Segment Open

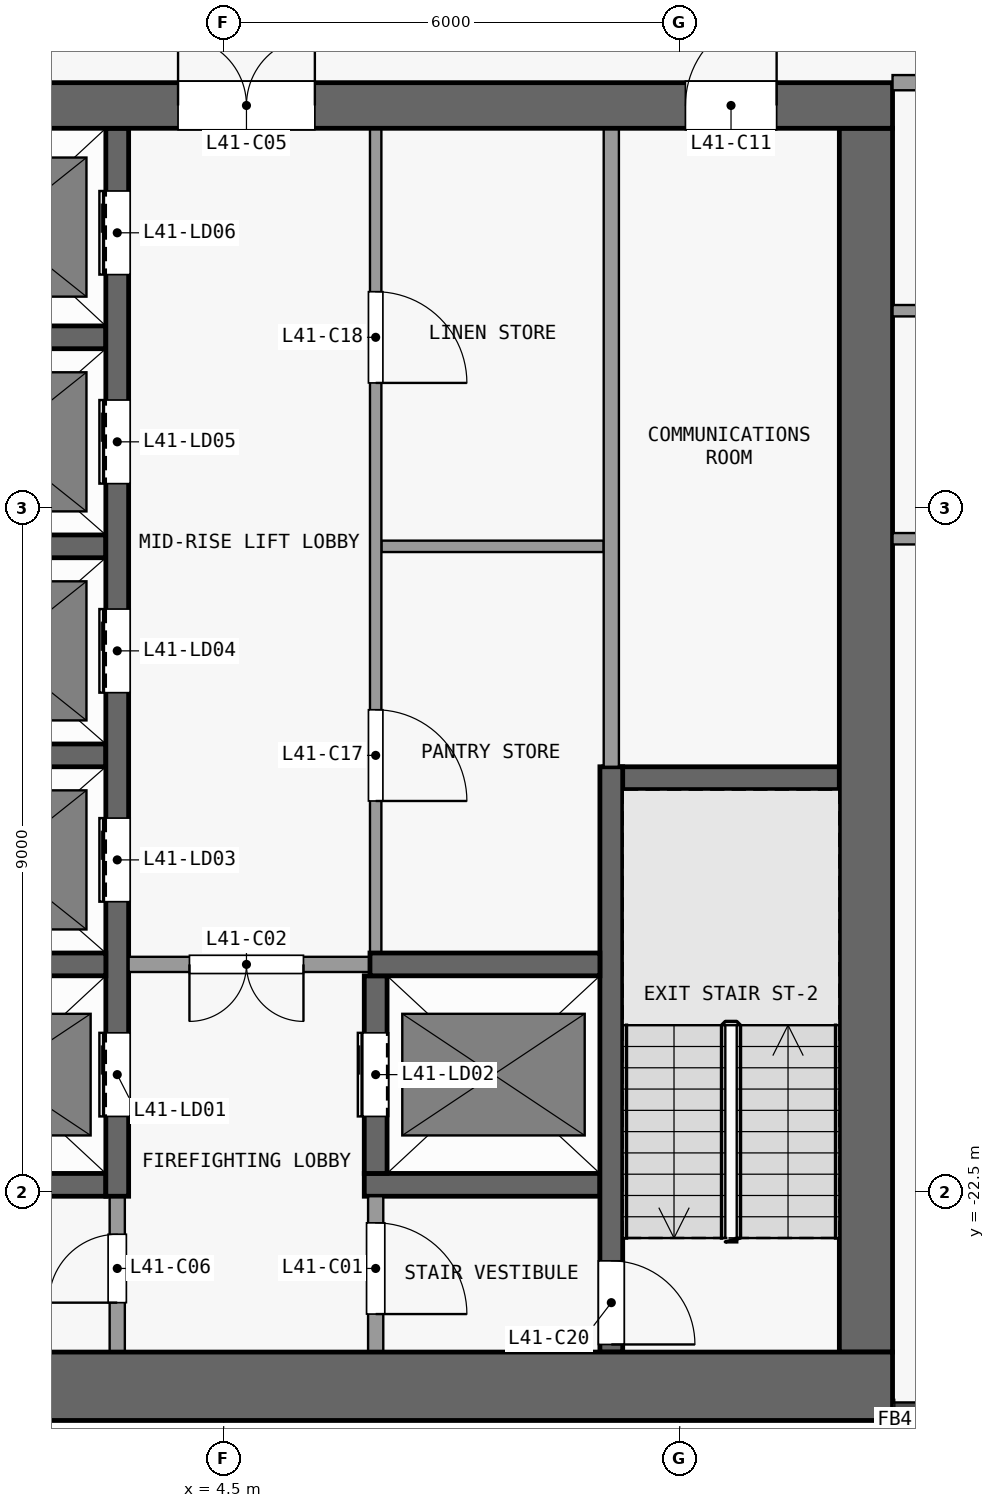
"""IFC4 building model, lengths in metres.
Left out: names, types, materials, properties, quantities, classifications, styles, units other than length and angle.
Written with IfcOpenShell. Run it as: python <this file> out.ifc"""

import sys

from ifc_helpers import new_model, si_unit, direction, frame, frame_2d, origin, place, context, subcontext, project, spatial, rectangle, extrude, element, fill, save


model = new_model("IFC4")
c1 = context("Model", 3, precision=1e-05, world=origin(), true_north=direction((0.0, 1.0)))
c2 = subcontext(c1, "Body", "Model", "MODEL_VIEW")
j1 = project(units=[si_unit("LENGTHUNIT", "METRE"), si_unit("PLANEANGLEUNIT", "RADIAN")], contexts=[c1])
p1 = place(None, origin())
s1 = spatial("IfcSite", under=j1, at=p1, CompositionType="ELEMENT")
p2 = place(p1, origin())
s2 = spatial("IfcBuilding", under=s1, at=p2, CompositionType="ELEMENT")
p3 = place(p2, frame((0.0, 0.0, 167.3)))
s3 = spatial("IfcBuildingStorey", under=s2, at=p3, CompositionType="ELEMENT", Elevation=167.3)
p4 = place(p3, frame((-13.3, -25.05, 0.0), z_axis=(0.0, 0.0, 1.0), x_axis=(1.0, 0.0, 0.0)))
e1 = element("IfcWall", 1, at=p4, inside=s3, PredefinedType="SHEAR", context=c2, shape_type="SweptSolid", body=[
    extrude(rectangle(XDim=26.6, YDim=0.9, at=frame_2d((13.3, 0.0))), origin(), (0.0, 0.0, 1.0), 3.3),
])
p5 = place(p3, frame((-13.3, -8.2, 0.0), z_axis=(0.0, 0.0, 1.0), x_axis=(1.0, 0.0, 0.0)))
e2 = element("IfcWall", 2, at=p5, inside=s3, PredefinedType="SHEAR", context=c2, shape_type="SweptSolid", body=[
    extrude(rectangle(XDim=26.6, YDim=0.6, at=frame_2d((13.3, 0.0))), origin(), (0.0, 0.0, 1.0), 3.3),
])
p6 = place(p5, frame((7.6, 0.0, 0.0)))
e3 = element("IfcOpeningElement", 3, at=p6, cuts=e2, PredefinedType="OPENING", context=c2, shape_type="SweptSolid", body=[
    extrude(rectangle(XDim=1.8, YDim=2.1, at=frame_2d((0.9, 1.05))), frame((0.0, 0.31, 0.0), z_axis=(0.0, -1.0, 0.0), x_axis=(1.0, 0.0, 0.0)), (0.0, 0.0, 1.0), 0.62),
])
p7 = place(p5, frame((17.2, 0.0, 0.0)))
e4 = element("IfcOpeningElement", 4, at=p7, cuts=e2, PredefinedType="OPENING", context=c2, shape_type="SweptSolid", body=[
    extrude(rectangle(XDim=1.8, YDim=2.1, at=frame_2d((0.9, 1.05))), frame((0.0, 0.31, 0.0), z_axis=(0.0, -1.0, 0.0), x_axis=(1.0, 0.0, 0.0)), (0.0, 0.0, 1.0), 0.62),
])
p8 = place(p5, frame((2.525, 0.0, 0.0)))
e5 = element("IfcOpeningElement", 5, at=p8, cuts=e2, PredefinedType="OPENING", context=c2, shape_type="SweptSolid", body=[
    extrude(rectangle(XDim=0.9, YDim=2.1, at=frame_2d((0.45, 1.05))), frame((0.0, 0.31, 0.0), z_axis=(0.0, -1.0, 0.0), x_axis=(1.0, 0.0, 0.0)), (0.0, 0.0, 1.0), 0.62),
])
p9 = place(p5, frame((23.875, 0.0, 0.0)))
e6 = element("IfcOpeningElement", 6, at=p9, cuts=e2, PredefinedType="OPENING", context=c2, shape_type="SweptSolid", body=[
    extrude(rectangle(XDim=1.2, YDim=2.1, at=frame_2d((0.6, 1.05))), frame((0.0, 0.31, 0.0), z_axis=(0.0, -1.0, 0.0), x_axis=(1.0, 0.0, 0.0)), (0.0, 0.0, 1.0), 0.62),
])
p10 = place(p3, frame((12.95, -24.6, 0.0), z_axis=(0.0, 0.0, 1.0), x_axis=(0.0, 1.0, 0.0)))
e7 = element("IfcWall", 7, at=p10, inside=s3, PredefinedType="SHEAR", context=c2, shape_type="SweptSolid", body=[
    extrude(rectangle(XDim=16.1, YDim=0.7, at=frame_2d((8.05, 0.0))), origin(), (0.0, 0.0, 1.0), 3.3),
])
p11 = place(p3, frame((-3.25, -22.4, 0.0), z_axis=(0.0, 0.0, 1.0), x_axis=(1.0, 0.0, 0.0)))
e8 = element("IfcWall", 8, at=p11, inside=s3, PredefinedType="SHEAR", context=c2, shape_type="SweptSolid", body=[
    extrude(rectangle(XDim=6.2, YDim=0.3, at=frame_2d((3.1, 0.0))), origin(), (0.0, 0.0, 1.0), 3.3),
])
p12 = place(p3, frame((6.35, -22.4, 0.0), z_axis=(0.0, 0.0, 1.0), x_axis=(1.0, 0.0, 0.0)))
e9 = element("IfcWall", 9, at=p12, inside=s3, PredefinedType="SHEAR", context=c2, shape_type="SweptSolid", body=[
    extrude(rectangle(XDim=3.1, YDim=0.3, at=frame_2d((1.55, 0.0))), origin(), (0.0, 0.0, 1.0), 3.3),
])
p13 = place(p3, frame((0.15, -19.5, 0.0), z_axis=(0.0, 0.0, 1.0), x_axis=(1.0, 0.0, 0.0)))
e10 = element("IfcWall", 10, at=p13, inside=s3, PredefinedType="SHEAR", context=c2, shape_type="SweptSolid", body=[
    extrude(rectangle(XDim=2.8, YDim=0.3, at=frame_2d((1.4, 0.0))), origin(), (0.0, 0.0, 1.0), 3.3),
])
p14 = place(p3, frame((6.575, -19.5, 0.0), z_axis=(0.0, 0.0, 1.0), x_axis=(-1.0, 0.0, 0.0)))
e11 = element("IfcWall", 11, at=p14, inside=s3, PredefinedType="PARTITIONING", context=c2, shape_type="SweptSolid", body=[
    extrude(rectangle(XDim=3.325, YDim=0.2, at=frame_2d((1.663, 0.0))), origin(), (0.0, 0.0, 1.0), 3.3),
])
p15 = place(p14, frame((1.025, 0.0, 0.0)))
e12 = element("IfcOpeningElement", 12, at=p15, cuts=e11, PredefinedType="OPENING", context=c2, shape_type="SweptSolid", body=[
    extrude(rectangle(XDim=1.5, YDim=2.1, at=frame_2d((0.75, 1.05))), frame((0.0, 0.11, 0.0), z_axis=(0.0, -1.0, 0.0), x_axis=(1.0, 0.0, 0.0)), (0.0, 0.0, 1.0), 0.22),
])
p16 = place(p3, frame((6.425, -19.5, 0.0), z_axis=(0.0, 0.0, 1.0), x_axis=(1.0, 0.0, 0.0)))
e13 = element("IfcWall", 13, at=p16, inside=s3, PredefinedType="SHEAR", context=c2, shape_type="SweptSolid", body=[
    extrude(rectangle(XDim=3.025, YDim=0.3, at=frame_2d((1.512, 0.0))), origin(), (0.0, 0.0, 1.0), 3.3),
])
p17 = place(p3, frame((9.5, -17.05, 0.0), z_axis=(0.0, 0.0, 1.0), x_axis=(1.0, 0.0, 0.0)))
e14 = element("IfcWall", 14, at=p17, inside=s3, PredefinedType="SHEAR", context=c2, shape_type="SweptSolid", body=[
    extrude(rectangle(XDim=3.1, YDim=0.3, at=frame_2d((1.55, 0.0))), origin(), (0.0, 0.0, 1.0), 3.3),
])
for number, where, z_axis, x_axis in (
    (15, (0.15, -16.75, 0.0), (0.0, 0.0, 1.0), (1.0, 0.0, 0.0)),
    (16, (0.15, -14.0, 0.0), (0.0, 0.0, 1.0), (1.0, 0.0, 0.0)),
):
    element("IfcWall", number, at=place(p3, frame(where, z_axis=z_axis, x_axis=x_axis)), inside=s3, PredefinedType="SHEAR", context=c2, shape_type="SweptSolid", body=[
        extrude(rectangle(XDim=2.8, YDim=0.3, at=frame_2d((1.4, 0.0))), origin(), (0.0, 0.0, 1.0), 3.3),
    ])
p18 = place(p3, frame((6.575, -14.0, 0.0), z_axis=(0.0, 0.0, 1.0), x_axis=(1.0, 0.0, 0.0)))
e17 = element("IfcWall", 17, at=p18, inside=s3, PredefinedType="PARTITIONING", context=c2, shape_type="SweptSolid", body=[
    extrude(rectangle(XDim=2.925, YDim=0.15, at=frame_2d((1.462, 0.0))), origin(), (0.0, 0.0, 1.0), 3.3),
])
p19 = place(p3, frame((0.15, -11.25, 0.0), z_axis=(0.0, 0.0, 1.0), x_axis=(1.0, 0.0, 0.0)))
e18 = element("IfcWall", 18, at=p19, inside=s3, PredefinedType="SHEAR", context=c2, shape_type="SweptSolid", body=[
    extrude(rectangle(XDim=2.8, YDim=0.3, at=frame_2d((1.4, 0.0))), origin(), (0.0, 0.0, 1.0), 3.3),
])
p20 = place(p3, frame((3.1, -24.6, 0.0), z_axis=(0.0, 0.0, 1.0), x_axis=(0.0, 1.0, 0.0)))
e19 = element("IfcWall", 19, at=p20, inside=s3, PredefinedType="PARTITIONING", context=c2, shape_type="SweptSolid", body=[
    extrude(rectangle(XDim=2.05, YDim=0.2, at=frame_2d((1.025, 0.0))), origin(), (0.0, 0.0, 1.0), 3.3),
])
p21 = place(p20, frame((0.65, 0.0, 0.0)))
e20 = element("IfcOpeningElement", 20, at=p21, cuts=e19, PredefinedType="OPENING", context=c2, shape_type="SweptSolid", body=[
    extrude(rectangle(XDim=0.9, YDim=2.1, at=frame_2d((0.45, 1.05))), frame((0.0, 0.11, 0.0), z_axis=(0.0, -1.0, 0.0), x_axis=(1.0, 0.0, 0.0)), (0.0, 0.0, 1.0), 0.22),
])
p22 = place(p3, frame((3.1, -22.55, 0.0), z_axis=(0.0, 0.0, 1.0), x_axis=(0.0, 1.0, 0.0)))
e21 = element("IfcWall", 21, at=p22, inside=s3, PredefinedType="SHEAR", context=c2, shape_type="SweptSolid", body=[
    extrude(rectangle(XDim=14.05, YDim=0.3, at=frame_2d((7.025, 0.0))), origin(), (0.0, 0.0, 1.0), 3.3),
])
p23 = place(p22, frame((1.05, 0.0, 0.0)))
e22 = element("IfcOpeningElement", 22, at=p23, cuts=e21, PredefinedType="OPENING", context=c2, shape_type="SweptSolid", body=[
    extrude(rectangle(XDim=1.1, YDim=2.1, at=frame_2d((0.55, 1.05))), frame((0.0, 0.16, 0.0), z_axis=(0.0, -1.0, 0.0), x_axis=(1.0, 0.0, 0.0)), (0.0, 0.0, 1.0), 0.32),
])
p24 = place(p22, frame((3.875, 0.0, 0.0)))
e23 = element("IfcOpeningElement", 23, at=p24, cuts=e21, PredefinedType="OPENING", context=c2, shape_type="SweptSolid", body=[
    extrude(rectangle(XDim=1.1, YDim=2.1, at=frame_2d((0.55, 1.05))), frame((0.0, 0.16, 0.0), z_axis=(0.0, -1.0, 0.0), x_axis=(1.0, 0.0, 0.0)), (0.0, 0.0, 1.0), 0.32),
])
p25 = place(p22, frame((6.625, 0.0, 0.0)))
e24 = element("IfcOpeningElement", 24, at=p25, cuts=e21, PredefinedType="OPENING", context=c2, shape_type="SweptSolid", body=[
    extrude(rectangle(XDim=1.1, YDim=2.1, at=frame_2d((0.55, 1.05))), frame((0.0, 0.16, 0.0), z_axis=(0.0, -1.0, 0.0), x_axis=(1.0, 0.0, 0.0)), (0.0, 0.0, 1.0), 0.32),
])
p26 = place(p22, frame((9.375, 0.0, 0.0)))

Segment Closed

*Your goal:*
Among the entries, copy every line containing the word "direction".

*Solution below:*
from ifc_helpers import new_model, si_unit, direction, frame, frame_2d, origin, place, context, subcontext, project, spatial, rectangle, extrude, element, fill, save
c1 = context("Model", 3, precision=1e-05, world=origin(), true_north=direction((0.0, 1.0)))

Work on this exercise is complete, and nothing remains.